Exercise brief> Show the lines of the material that contain the word "placement".

Records to process>
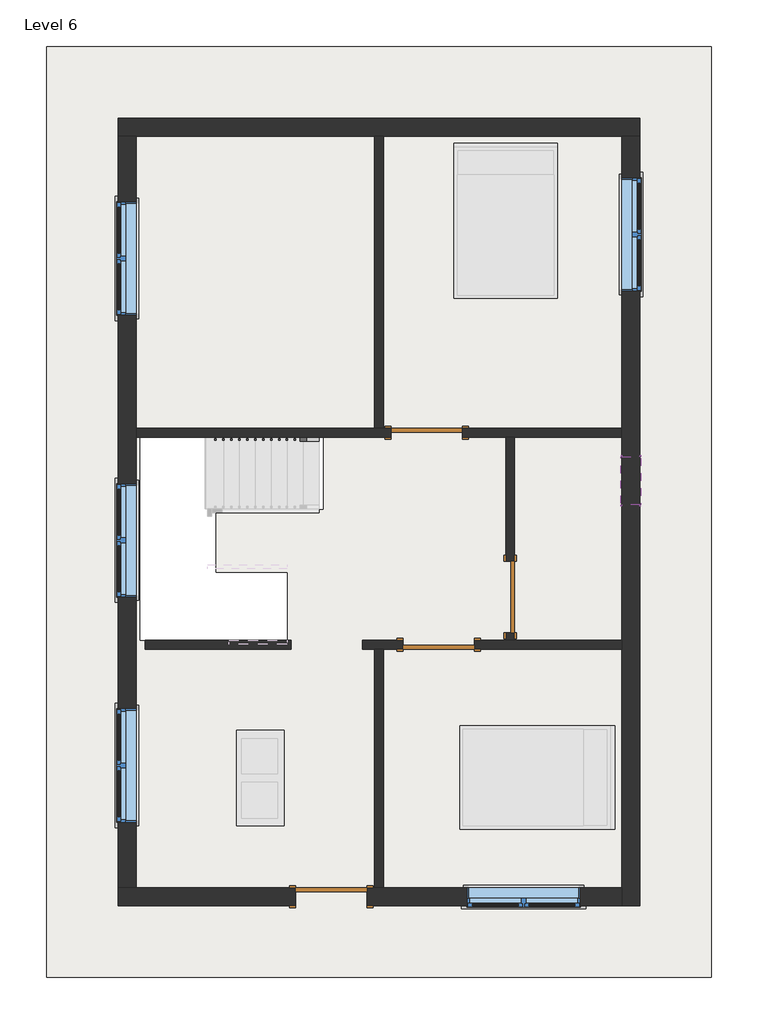
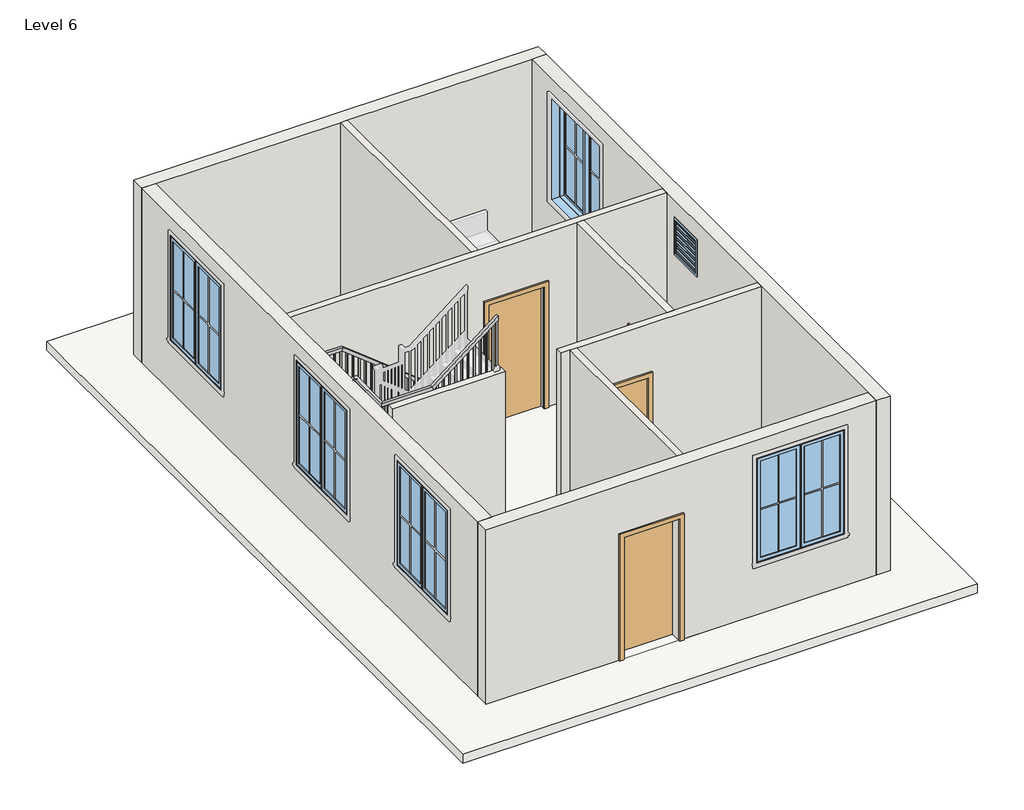
# One storey, part 1 of 2: 10 walls, 6 windows, 4 doors, 1 railing, 1 roof, 1 slab.
"""IFC4 building model written with IfcOpenShell, lengths in millimetres."""

from ifc_helpers import new_model, si_unit, frame, origin, place, context, project, spatial, polyline, outline, extrude, faceted_brep, transform, mapped, element, save
from components import door_e5f9f3c4, door_0ca8825f, window_9ac97e1a, window_f2d8fef0

model = new_model("IFC4")

# Units and contexts
model_context = context("Model", 3, world=origin())
ifc_project = project(units=[si_unit("LENGTHUNIT", "METRE", prefix="MILLI")], contexts=[model_context])

# Site, building, storey
site = spatial("IfcSite", under=ifc_project)
building = spatial("IfcBuilding", under=site)
storey = spatial("IfcBuildingStorey", under=building, Name="Level 6", Elevation=12801.6)

# Doors
placement = place(None, origin())
door_shape = door_e5f9f3c4(model_context)
element("IfcDoor", 1, ObjectType="Single-Flush : 36\" x 84\"", at=placement, inside=storey, context=model_context, shape_type="MappedRepresentation", body=[
    mapped(door_shape, transform((-2225.1840247, 979.1819954, 12801.6), x_axis=(1.0, 0.0, 0.0), y_axis=(0.0, 1.0, 0.0), z_axis=(0.0, 0.0, 1.0))),
])
element("IfcDoor", 2, ObjectType="Single-Flush : 36\" x 84\"", at=placement, inside=storey, context=model_context, shape_type="MappedRepresentation", body=[
    mapped(door_shape, transform((-1158.3840247, -1116.3180046, 12801.6), x_axis=(0.0, -1.0, 0.0), y_axis=(1.0, 0.0, 0.0), z_axis=(0.0, 0.0, 1.0))),
])
element("IfcDoor", 3, ObjectType="Single-Flush : 36\" x 84\"", at=placement, inside=storey, context=model_context, shape_type="MappedRepresentation", body=[
    mapped(door_shape, transform((-2072.7840247, -1725.9180046, 12801.6), x_axis=(-1.0, 0.0, 0.0), y_axis=(0.0, -1.0, 0.0), z_axis=(0.0, 0.0, 1.0))),
])
door_2_shape = door_0ca8825f(model_context)
element("IfcDoor", 4, ObjectType="Single-Flush : 36\" x 84\"", at=placement, inside=storey, context=model_context, shape_type="MappedRepresentation", body=[
    mapped(door_2_shape, transform((-3444.3840247, -4945.3680046, 12801.6), x_axis=(1.0, 0.0, 0.0), y_axis=(0.0, 1.0, 0.0), z_axis=(0.0, 0.0, 1.0))),
])

# Railing
element("IfcRailing", 5, ObjectType="Handrail - Rectangular", at=placement, inside=storey, context=model_context, shape_type="SolidModel", body=[
    faceted_brep([(-3603.1340247, 871.2319954, 13876.4210526), (-3603.1340247, 871.2319954, 13811.6980109), (-3603.1340247, 922.0319954, 13811.6980109), (-3603.1340247, 922.0319954, 13876.4210526), (-5097.5006913, 871.2319954, 15056.1842105), (-5115.1365442, 871.2319954, 15005.3842105), (-5115.1365442, 922.0319954, 15005.3842105), (-5097.5006913, 922.0319954, 15056.1842105), (-5889.1340247, 871.2319954, 15056.1842105), (-5889.1340247, 871.2319954, 15005.3842105), (-5939.9340247, 922.0319954, 15005.3842105), (-5939.9340247, 922.0319954, 15056.1842105), (-5889.1340247, 130.6632454, 15056.1842105), (-5889.1340247, 112.1228815, 15005.3842105), (-5939.9340247, 112.1228815, 15005.3842105), (-5939.9340247, 130.6632454, 15056.1842105), (-5889.1340247, -877.3992546, 15905.0789474), (-5889.1340247, -895.9396185, 15854.2789474), (-5939.9340247, -895.9396185, 15854.2789474), (-5939.9340247, -877.3992546, 15905.0789474), (-5889.1340247, -1617.9680046, 15905.0789474), (-5889.1340247, -1617.9680046, 15854.2789474), (-5939.9340247, -1668.7680046, 15854.2789474), (-5939.9340247, -1668.7680046, 15905.0789474), (-5097.5006913, -1617.9680046, 15905.0789474), (-5079.8648385, -1617.9680046, 15854.2789474), (-5079.8648385, -1668.7680046, 15854.2789474), (-5097.5006913, -1668.7680046, 15905.0789474), (-4009.5340247, -1617.9680046, 16764.0), (-4009.5340247, -1668.7680046, 16764.0), (-4009.5340247, -1668.7680046, 16699.2769583), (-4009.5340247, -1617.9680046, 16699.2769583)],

Solution to this problem>
placement = place(None, origin())
element("IfcDoor", 1, ObjectType="Single-Flush : 36\" x 84\"", at=placement, inside=storey, context=model_context, shape_type="MappedRepresentation", body=[
element("IfcDoor", 2, ObjectType="Single-Flush : 36\" x 84\"", at=placement, inside=storey, context=model_context, shape_type="MappedRepresentation", body=[
element("IfcDoor", 3, ObjectType="Single-Flush : 36\" x 84\"", at=placement, inside=storey, context=model_context, shape_type="MappedRepresentation", body=[
element("IfcDoor", 4, ObjectType="Single-Flush : 36\" x 84\"", at=placement, inside=storey, context=model_context, shape_type="MappedRepresentation", body=[
element("IfcRailing", 5, ObjectType="Handrail - Rectangular", at=placement, inside=storey, context=model_context, shape_type="SolidModel", body=[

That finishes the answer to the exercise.